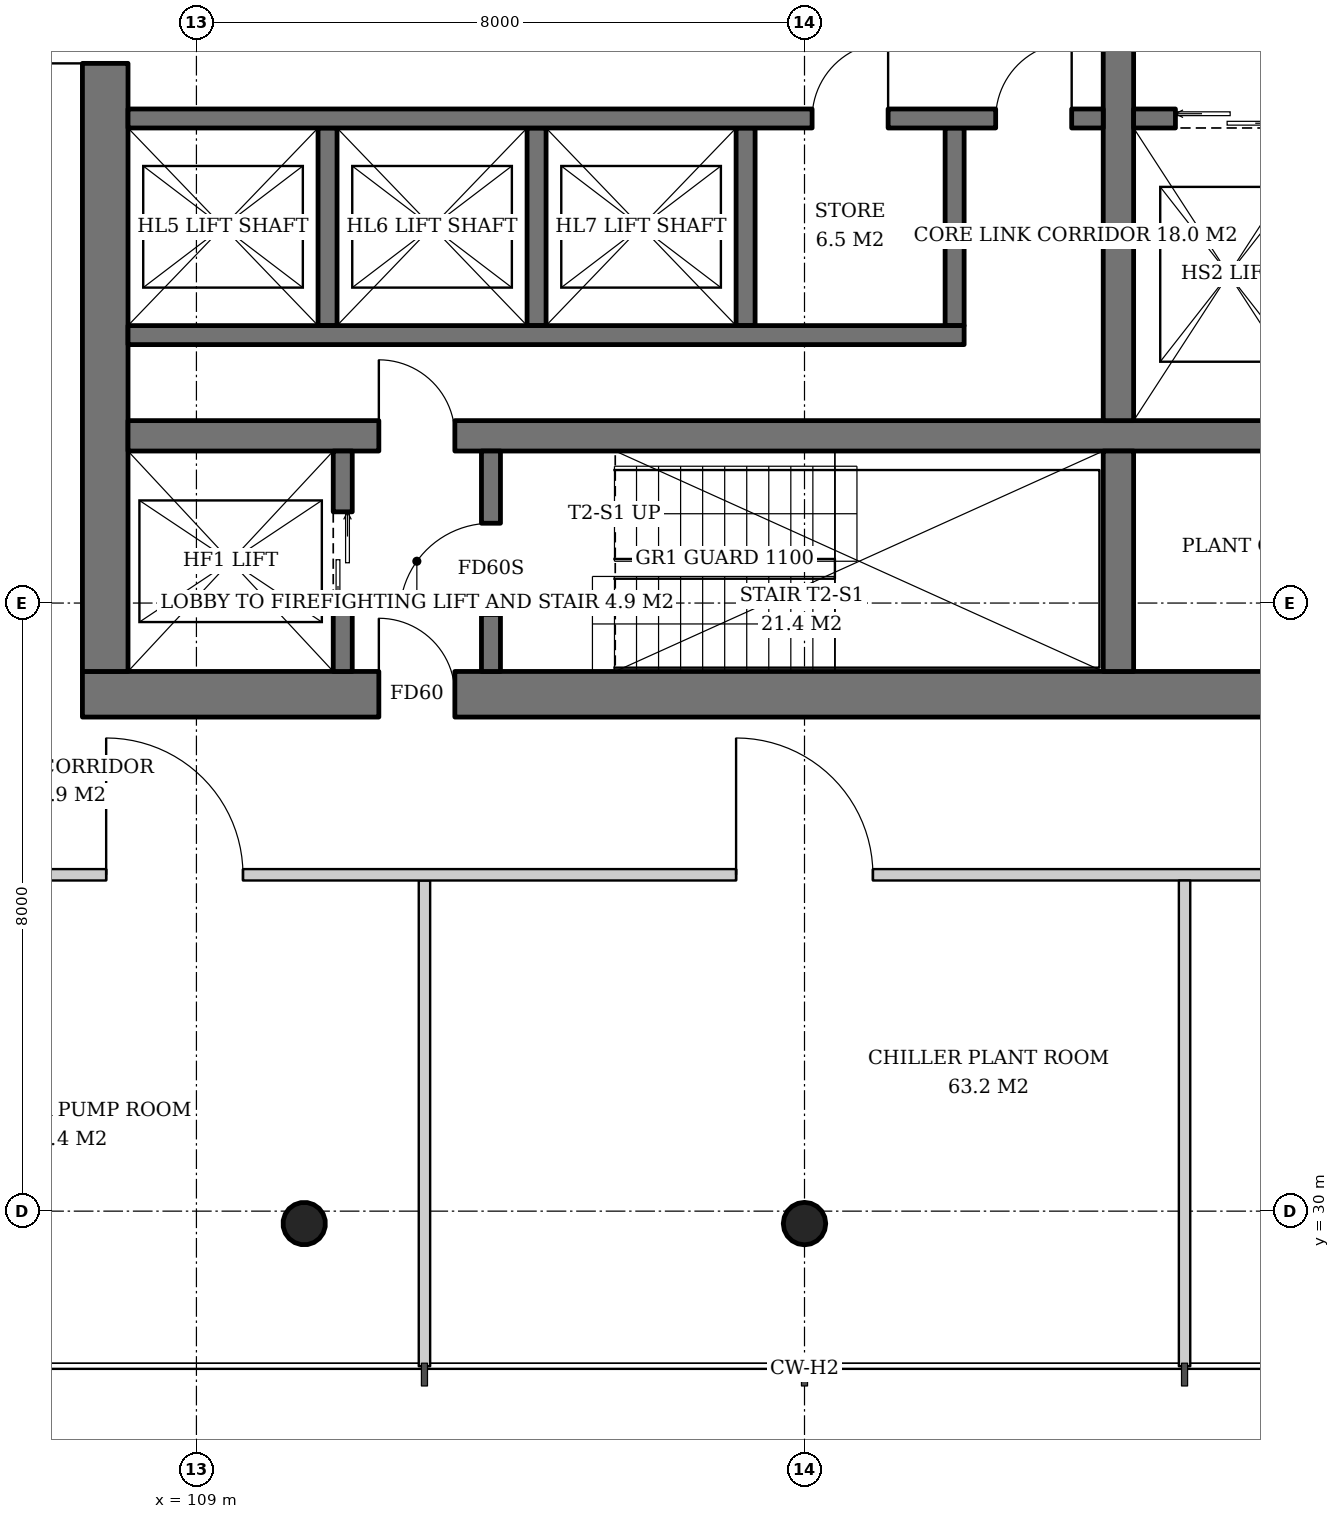
"""IFC4 building model, lengths in metres.
Left out: names, types, materials, properties, quantities, classifications, styles, units other than length and angle.
Written with IfcOpenShell. Run it as: python <this file> out.ifc"""

import sys

from ifc_helpers import new_model, si_unit, direction, frame, frame_2d, origin, origin_2d, place, context, subcontext, project, spatial, rectangle, hollow_circle, extrude, element, fill, save


model = new_model("IFC4")
c1 = context("Model", 3, precision=1e-05, world=origin(), true_north=direction((0.0, 1.0)))
c2 = subcontext(c1, "Body", "Model", "MODEL_VIEW")
j1 = project(units=[si_unit("LENGTHUNIT", "METRE"), si_unit("PLANEANGLEUNIT", "RADIAN")], contexts=[c1])
p1 = place(None, origin())
s1 = spatial("IfcSite", under=j1, at=p1, CompositionType="ELEMENT")
p2 = place(p1, origin())
s2 = spatial("IfcBuilding", under=s1, at=p2, CompositionType="ELEMENT")
p3 = place(p2, frame((0.0, 0.0, 85.6)))
s3 = spatial("IfcBuildingStorey", under=s2, at=p3, CompositionType="ELEMENT", Elevation=85.6)
p4 = place(p3, frame((110.392, 29.784, 0.0), z_axis=(0.02149908433, 0.04306234503, 0.998841040313), x_axis=(-0.894693706707, 0.446680166538, 0.0)))
e1 = element("IfcColumn", 1, at=p4, inside=s3, PredefinedType="COLUMN", context=c2, shape_type="SweptSolid", body=[
    extrude(hollow_circle(Radius=0.28, WallThickness=0.02, at=origin_2d()), origin(), (0.0, 0.0, 1.0), 3.804),
])
p5 = place(p3, frame((117.0, 29.784, 0.0), z_axis=(0.0, 0.043072300418, 0.999071957837), x_axis=(-1.0, 0.0, 0.0)))
e2 = element("IfcColumn", 2, at=p5, inside=s3, PredefinedType="COLUMN", context=c2, shape_type="SweptSolid", body=[
    extrude(hollow_circle(Radius=0.28, WallThickness=0.02, at=origin_2d()), origin(), (0.0, 0.0, 1.0), 3.803),
])
p6 = place(p3, frame((107.5, 36.8, 0.0), z_axis=(0.0, 0.0, 1.0), x_axis=(1.0, 0.0, 0.0)))
e3 = element("IfcWall", 3, at=p6, inside=s3, PredefinedType="SHEAR", context=c2, shape_type="SweptSolid", body=[
    extrude(rectangle(XDim=19.0, YDim=0.6, at=frame_2d((9.5, 0.0))), origin(), (0.0, 0.0, 1.0), 3.8),
])
p7 = place(p6, frame((3.9, 0.0, 0.0)))
e4 = element("IfcOpeningElement", 4, at=p7, cuts=e3, PredefinedType="OPENING", context=c2, shape_type="SweptSolid", body=[
    extrude(rectangle(XDim=1.0, YDim=2.1, at=frame_2d((0.5, 1.05))), frame((0.0, 0.31, 0.0), z_axis=(0.0, -1.0, 0.0), x_axis=(1.0, 0.0, 0.0)), (0.0, 0.0, 1.0), 0.62),
])
p8 = place(p6, frame((15.615, 0.0, 0.0)))
e5 = element("IfcOpeningElement", 5, at=p8, cuts=e3, PredefinedType="OPENING", context=c2, shape_type="SweptSolid", body=[
    extrude(rectangle(XDim=1.0, YDim=2.1, at=frame_2d((0.5, 1.05))), frame((0.0, 0.31, 0.0), z_axis=(0.0, -1.0, 0.0), x_axis=(1.0, 0.0, 0.0)), (0.0, 0.0, 1.0), 0.62),
])
p9 = place(p3, frame((107.8, 37.1, 0.0), z_axis=(0.0, 0.0, 1.0), x_axis=(0.0, 1.0, 0.0)))
e6 = element("IfcWall", 6, at=p9, inside=s3, PredefinedType="SHEAR", context=c2, shape_type="SweptSolid", body=[
    extrude(rectangle(XDim=17.8, YDim=0.6, at=frame_2d((8.9, 0.0))), origin(), (0.0, 0.0, 1.0), 3.8),
])
p10 = place(p9, frame((8.0, 0.0, 0.0)))
e7 = element("IfcOpeningElement", 7, at=p10, cuts=e6, PredefinedType="OPENING", context=c2, shape_type="SweptSolid", body=[
    extrude(rectangle(XDim=1.8, YDim=2.4, at=frame_2d((0.9, 1.2))), frame((0.0, 0.31, 0.0), z_axis=(0.0, -1.0, 0.0), x_axis=(1.0, 0.0, 0.0)), (0.0, 0.0, 1.0), 0.62),
])
p11 = place(p3, frame((108.1, 40.2, 0.0), z_axis=(0.0, 0.0, 1.0), x_axis=(1.0, 0.0, 0.0)))
e8 = element("IfcWall", 8, at=p11, inside=s3, PredefinedType="SHEAR", context=c2, shape_type="SweptSolid", body=[
    extrude(rectangle(XDim=17.8, YDim=0.4, at=frame_2d((8.9, 0.0))), origin(), (0.0, 0.0, 1.0), 3.8),
])
p12 = place(p11, frame((3.3, 0.0, 0.0)))
e9 = element("IfcOpeningElement", 9, at=p12, cuts=e8, PredefinedType="OPENING", context=c2, shape_type="SweptSolid", body=[
    extrude(rectangle(XDim=1.0, YDim=2.1, at=frame_2d((0.5, 1.05))), frame((0.0, 0.21, 0.0), z_axis=(0.0, -1.0, 0.0), x_axis=(1.0, 0.0, 0.0)), (0.0, 0.0, 1.0), 0.42),
])
p13 = place(p3, frame((121.13, 37.1, 0.0), z_axis=(0.0, 0.0, 1.0), x_axis=(0.0, 1.0, 0.0)))
e10 = element("IfcWall", 10, at=p13, inside=s3, PredefinedType="SHEAR", context=c2, shape_type="SweptSolid", body=[
    extrude(rectangle(XDim=2.9, YDim=0.4, at=frame_2d((1.45, 0.0))), origin(), (0.0, 0.0, 1.0), 3.8),
])
p14 = place(p3, frame((121.13, 40.4, 0.0), z_axis=(0.0, 0.0, 1.0), x_axis=(0.0, 1.0, 0.0)))
e11 = element("IfcWall", 11, at=p14, inside=s3, PredefinedType="SHEAR", context=c2, shape_type="SweptSolid", body=[
    extrude(rectangle(XDim=11.2, YDim=0.4, at=frame_2d((5.6, 0.0))), origin(), (0.0, 0.0, 1.0), 3.8),
])
p15 = place(p14, frame((5.1, 0.0, 0.0)))
e12 = element("IfcOpeningElement", 12, at=p15, cuts=e11, PredefinedType="OPENING", context=c2, shape_type="SweptSolid", body=[
    extrude(rectangle(XDim=1.0, YDim=2.1, at=frame_2d((0.5, 1.05))), frame((0.0, 0.21, 0.0), z_axis=(0.0, -1.0, 0.0), x_axis=(1.0, 0.0, 0.0)), (0.0, 0.0, 1.0), 0.42),
])
p16 = place(p3, frame((110.925, 37.1, 0.0), z_axis=(0.0, 0.0, 1.0), x_axis=(0.0, 1.0, 0.0)))
e13 = element("IfcWall", 13, at=p16, inside=s3, PredefinedType="SHEAR", context=c2, shape_type="SweptSolid", body=[
    extrude(rectangle(XDim=2.9, YDim=0.25, at=frame_2d((1.45, 0.0))), origin(), (0.0, 0.0, 1.0), 3.8),
])
p17 = place(p16, frame((0.8, 0.0, 0.0)))
e14 = element("IfcOpeningElement", 14, at=p17, cuts=e13, PredefinedType="OPENING", context=c2, shape_type="SweptSolid", body=[
    extrude(rectangle(XDim=1.3, YDim=2.2, at=frame_2d((0.65, 1.1))), frame((0.0, 0.135, 0.0), z_axis=(0.0, -1.0, 0.0), x_axis=(1.0, 0.0, 0.0)), (0.0, 0.0, 1.0), 0.27),
])
p18 = place(p3, frame((112.875, 37.1, 0.0), z_axis=(0.0, 0.0, 1.0), x_axis=(0.0, 1.0, 0.0)))
e15 = element("IfcWall", 15, at=p18, inside=s3, PredefinedType="SHEAR", context=c2, shape_type="SweptSolid", body=[
    extrude(rectangle(XDim=2.9, YDim=0.25, at=frame_2d((1.45, 0.0))), origin(), (0.0, 0.0, 1.0), 3.8),
])
p19 = place(p18, frame((0.75, 0.0, 0.0)))
e16 = element("IfcOpeningElement", 16, at=p19, cuts=e15, PredefinedType="OPENING", context=c2, shape_type="SweptSolid", body=[
    extrude(rectangle(XDim=1.2, YDim=2.1, at=frame_2d((0.6, 1.05))), frame((0.0, 0.135, 0.0), z_axis=(0.0, -1.0, 0.0), x_axis=(1.0, 0.0, 0.0)), (0.0, 0.0, 1.0), 0.27),
])
for number, where, z_axis, x_axis in (
    (17, (110.725, 44.25, 0.0), (0.0, 0.0, 1.0), (0.0, -1.0, 0.0)),
    (18, (113.475, 44.25, 0.0), (0.0, 0.0, 1.0), (0.0, -1.0, 0.0)),
    (19, (116.225, 44.25, 0.0), (0.0, 0.0, 1.0), (0.0, -1.0, 0.0)),
    (20, (118.975, 44.25, 0.0), (0.0, 0.0, 1.0), (0.0, -1.0, 0.0)),
):
    element("IfcWall", number, at=place(p3, frame(where, z_axis=z_axis, x_axis=x_axis)), inside=s3, PredefinedType="SHEAR", context=c2, shape_type="SweptSolid", body=[
        extrude(rectangle(XDim=2.6, YDim=0.25, at=frame_2d((1.3, 0.0))), origin(), (0.0, 0.0, 1.0), 3.8),
    ])
p20 = place(p3, frame((108.1, 41.525, 0.0), z_axis=(0.0, 0.0, 1.0), x_axis=(1.0, 0.0, 0.0)))
e21 = element("IfcWall", 21, at=p20, inside=s3, PredefinedType="SHEAR", context=c2, shape_type="SweptSolid", body=[
    extrude(rectangle(XDim=11.0, YDim=0.25, at=frame_2d((5.5, 0.0))), origin(), (0.0, 0.0, 1.0), 3.8),
])
p21 = place(p3, frame((108.1, 44.375, 0.0), z_axis=(0.0, 0.0, 1.0), x_axis=(1.0, 0.0, 0.0)))
e22 = element("IfcWall", 22, at=p21, inside=s3, PredefinedType="SHEAR", context=c2, shape_type="SweptSolid", body=[
    extrude(rectangle(XDim=12.83, YDim=0.25, at=frame_2d((6.415, 0.0))), origin(), (0.0, 0.0, 1.0), 3.8),
])
p22 = place(p21, frame((9.0, 0.0, 0.0)))
e23 = element("IfcOpeningElement", 23, at=p22, cuts=e22, PredefinedType="OPENING", context=c2, shape_type="SweptSolid", body=[
    extrude(rectangle(XDim=1.0, YDim=2.1, at=frame_2d((0.5, 1.05))), frame((0.0, 0.135, 0.0), z_axis=(0.0, -1.0, 0.0), x_axis=(1.0, 0.0, 0.0)), (0.0, 0.0, 1.0), 0.27),
])
p23 = place(p21, frame((11.415, 0.0, 0.0)))
e24 = element("IfcOpeningElement", 24, at=p23, cuts=e22, PredefinedType="OPENING", context=c2, shape_type="SweptSolid", body=[
    extrude(rectangle(XDim=1.0, YDim=2.1, at=frame_2d((0.5, 1.05))), frame((0.0, 0.135, 0.0), z_axis=(0.0, -1.0, 0.0), x_axis=(1.0, 0.0, 0.0)), (0.0, 0.0, 1.0), 0.27),
])
p24 = place(p3, frame((121.33, 44.375, 0.0), z_axis=(0.0, 0.0, 1.0), x_axis=(1.0, 0.0, 0.0)))
e25 = element("IfcWall", 25, at=p24, inside=s3, PredefinedType="SHEAR", context=c2, shape_type="SweptSolid", body=[
    extrude(rectangle(XDim=4.57, YDim=0.25, at=frame_2d((2.285, 0.0))), origin(), (0.0, 0.0, 1.0), 3.8),
])
p25 = place(p24, frame((0.55, 0.0, 0.0)))
e26 = element("IfcOpeningElement", 26, at=p25, cuts=e25, PredefinedType="OPENING", context=c2, shape_type="SweptSolid", body=[
    extrude(rectangle(XDim=1.4, YDim=2.4, at=frame_2d((0.7, 1.2))), frame((0.0, 0.135, 0.0), z_axis=(0.0, -1.0, 0.0), x_axis=(1.0, 0.0, 0.0)), (0.0, 0.0, 1.0), 0.27),
])
p26 = place(p24, frame((3.26, 0.0, 0.0)))
e27 = element("IfcOpeningElement", 27, at=p26, cuts=e25, PredefinedType="OPENING", context=c2, shape_type="SweptSolid", body=[
    extrude(rectangle(XDim=0.8, YDim=2.0, at=frame_2d((0.4, 1.0))), frame((0.0, 0.135, 0.0), z_axis=(0.0, -1.0, 0.0), x_axis=(1.0, 0.0, 0.0)), (0.0, 0.0, 1.0), 0.27),
])
p27 = place(p3, frame((112.0, 34.35, 0.0), z_axis=(0.0, 0.0, 1.0), x_axis=(0.0, -1.0, 0.0)))
e28 = element("IfcWall", 28, at=p27, inside=s3, PredefinedType="SOLIDWALL", context=c2, shape_type="SweptSolid", body=[
    extrude(rectangle(XDim=6.39, YDim=0.15, at=frame_2d((3.195, 0.0))), origin(), (0.0, 0.0, 1.0), 3.0),
])
p28 = place(p3, frame((105.35, 34.425, 0.0), z_axis=(0.0, 0.0, 1.0), x_axis=(1.0, 0.0, 0.0)))
e29 = element("IfcWall", 29, at=p28, inside=s3, PredefinedType="SOLIDWALL", context=c2, shape_type="SweptSolid", body=[
    extrude(rectangle(XDim=23.15, YDim=0.15, at=frame_2d((11.575, 0.0))), origin(), (0.0, 0.0, 1.0), 2.9),
])
p29 = place(p28, frame((2.462, 0.0, 0.0)))
e30 = element("IfcOpeningElement", 30, at=p29, cuts=e29, PredefinedType="OPENING", context=c2, shape_type="SweptSolid", body=[
    extrude(rectangle(XDim=1.8, YDim=2.4, at=frame_2d((0.9, 1.2))), frame((0.0, 0.085, 0.0), z_axis=(0.0, -1.0, 0.0), x_axis=(1.0, 0.0, 0.0)), (0.0, 0.0, 1.0), 0.17),
])
p30 = place(p28, frame((10.75, 0.0, 0.0)))
e31 = element("IfcOpeningElement", 31, at=p30, cuts=e29, PredefinedType="OPENING", context=c2, shape_type="SweptSolid", body=[
    extrude(rectangle(XDim=1.8, YDim=2.4, at=frame_2d((0.9, 1.2))), frame((0.0, 0.085, 0.0), z_axis=(0.0, -1.0, 0.0), x_axis=(1.0, 0.0, 0.0)), (0.0, 0.0, 1.0), 0.17),
])
p31 = place(p3, frame((122.0, 34.35, 0.0), z_axis=(0.0, 0.0, 1.0), x_axis=(0.0, -1.0, 0.0)))
e32 = element("IfcWall", 32, at=p31, inside=s3, PredefinedType="SOLIDWALL", context=c2, shape_type="SweptSolid", body=[
    extrude(rectangle(XDim=6.39, YDim=0.15, at=frame_2d((3.195, 0.0))), origin(), (0.0, 0.0, 1.0), 3.2),
])
p32 = place(p17, origin())
e33 = element("IfcDoor", 33, at=p32, inside=s3, OperationType="DOUBLE_DOOR_SLIDING", PredefinedType="DOOR", context=c2, shape_type="SweptSolid", body=[
    extrude(rectangle(XDim=1.3, YDim=2.2, at=frame_2d((0.65, 1.1))), frame((0.0, 0.025, 0.0), z_axis=(0.0, -1.0, 0.0), x_axis=(1.0, 0.0, 0.0)), (0.0, 0.0, 1.0), 0.05),
])
fill(e14, e33)
p33 = place(p19, origin())
e34 = element("IfcDoor", 34, at=p33, inside=s3, OperationType="SINGLE_SWING_LEFT", PredefinedType="DOOR", context=c2, shape_type="SweptSolid", body=[
    extrude(rectangle(XDim=1.2, YDim=2.1, at=frame_2d((0.6, 1.05))), frame((0.0, 0.025, 0.0), z_axis=(0.0, -1.0, 0.0), x_axis=(1.0, 0.0, 0.0)), (0.0, 0.0, 1.0), 0.05),
])
fill(e16, e34)
p34 = place(p22, origin())
e35 = element("IfcDoor", 35, at=p34, inside=s3, OperationType="SINGLE_SWING_RIGHT", PredefinedType="DOOR", context=c2, shape_type="SweptSolid", body=[
    extrude(rectangle(XDim=1.0, YDim=2.1, at=frame_2d((0.5, 1.05))), frame((0.0, 0.025, 0.0), z_axis=(0.0, -1.0, 0.0), x_axis=(1.0, 0.0, 0.0)), (0.0, 0.0, 1.0), 0.05),
])
fill(e23, e35)
p35 = place(p23, origin())
e36 = element("IfcDoor", 36, at=p35, inside=s3, OperationType="SINGLE_SWING_RIGHT", PredefinedType="DOOR", context=c2, shape_type="SweptSolid", body=[
    extrude(rectangle(XDim=1.0, YDim=2.1, at=frame_2d((0.5, 1.05))), frame((0.0, 0.025, 0.0), z_axis=(0.0, -1.0, 0.0), x_axis=(1.0, 0.0, 0.0)), (0.0, 0.0, 1.0), 0.05),
])
fill(e24, e36)
p36 = place(p25, origin())
e37 = element("IfcDoor", 37, at=p36, inside=s3, OperationType="DOUBLE_DOOR_SLIDING", PredefinedType="DOOR", context=c2, shape_type="SweptSolid", body=[
    extrude(rectangle(XDim=1.4, YDim=2.4, at=frame_2d((0.7, 1.2))), frame((0.0, 0.025, 0.0), z_axis=(0.0, -1.0, 0.0), x_axis=(1.0, 0.0, 0.0)), (0.0, 0.0, 1.0), 0.05),
])
fill(e26, e37)
p37 = place(p7, origin())
e38 = element("IfcDoor", 38, at=p37, inside=s3, OperationType="SINGLE_SWING_LEFT", PredefinedType="DOOR", context=c2, shape_type="SweptSolid", body=[
    extrude(rectangle(XDim=1.0, YDim=2.1, at=frame_2d((0.5, 1.05))), frame((0.0, 0.025, 0.0), z_axis=(0.0, -1.0, 0.0), x_axis=(1.0, 0.0, 0.0)), (0.0, 0.0, 1.0), 0.05),
])
fill(e4, e38)
p38 = place(p10, origin())
e39 = element("IfcDoor", 39, at=p38, inside=s3, OperationType="DOUBLE_DOOR_SINGLE_SWING", PredefinedType="DOOR", context=c2, shape_type="SweptSolid", body=[
    extrude(rectangle(XDim=1.8, YDim=2.4, at=frame_2d((0.9, 1.2))), frame((0.0, 0.025, 0.0), z_axis=(0.0, -1.0, 0.0), x_axis=(1.0, 0.0, 0.0)), (0.0, 0.0, 1.0), 0.05),
])
fill(e7, e39)
p39 = place(p12, origin())
e40 = element("IfcDoor", 40, at=p39, inside=s3, OperationType="SINGLE_SWING_LEFT", PredefinedType="DOOR", context=c2, shape_type="SweptSolid", body=[
    extrude(rectangle(XDim=1.0, YDim=2.1, at=frame_2d((0.5, 1.05))), frame((0.0, 0.025, 0.0), z_axis=(0.0, -1.0, 0.0), x_axis=(1.0, 0.0, 0.0)), (0.0, 0.0, 1.0), 0.05),
])
fill(e9, e40)
p40 = place(p29, origin())
e41 = element("IfcDoor", 41, at=p40, inside=s3, OperationType="DOUBLE_DOOR_SINGLE_SWING", PredefinedType="DOOR", context=c2, shape_type="SweptSolid", body=[
    extrude(rectangle(XDim=1.8, YDim=2.4, at=frame_2d((0.9, 1.2))), frame((0.0, 0.025, 0.0), z_axis=(0.0, -1.0, 0.0), x_axis=(1.0, 0.0, 0.0)), (0.0, 0.0, 1.0), 0.05),
])
fill(e30, e41)
p41 = place(p30, origin())
e42 = element("IfcDoor", 42, at=p41, inside=s3, OperationType="DOUBLE_DOOR_SINGLE_SWING", PredefinedType="DOOR", context=c2, shape_type="SweptSolid", body=[
    extrude(rectangle(XDim=1.8, YDim=2.4, at=frame_2d((0.9, 1.2))), frame((0.0, 0.025, 0.0), z_axis=(0.0, -1.0, 0.0), x_axis=(1.0, 0.0, 0.0)), (0.0, 0.0, 1.0), 0.05),
])
fill(e31, e42)
save(model, sys.argv[1])

□ □ □

• _What is required_
Find how many of the lines above have the word "Radius" in them. State only that number.

• _Answer section_
2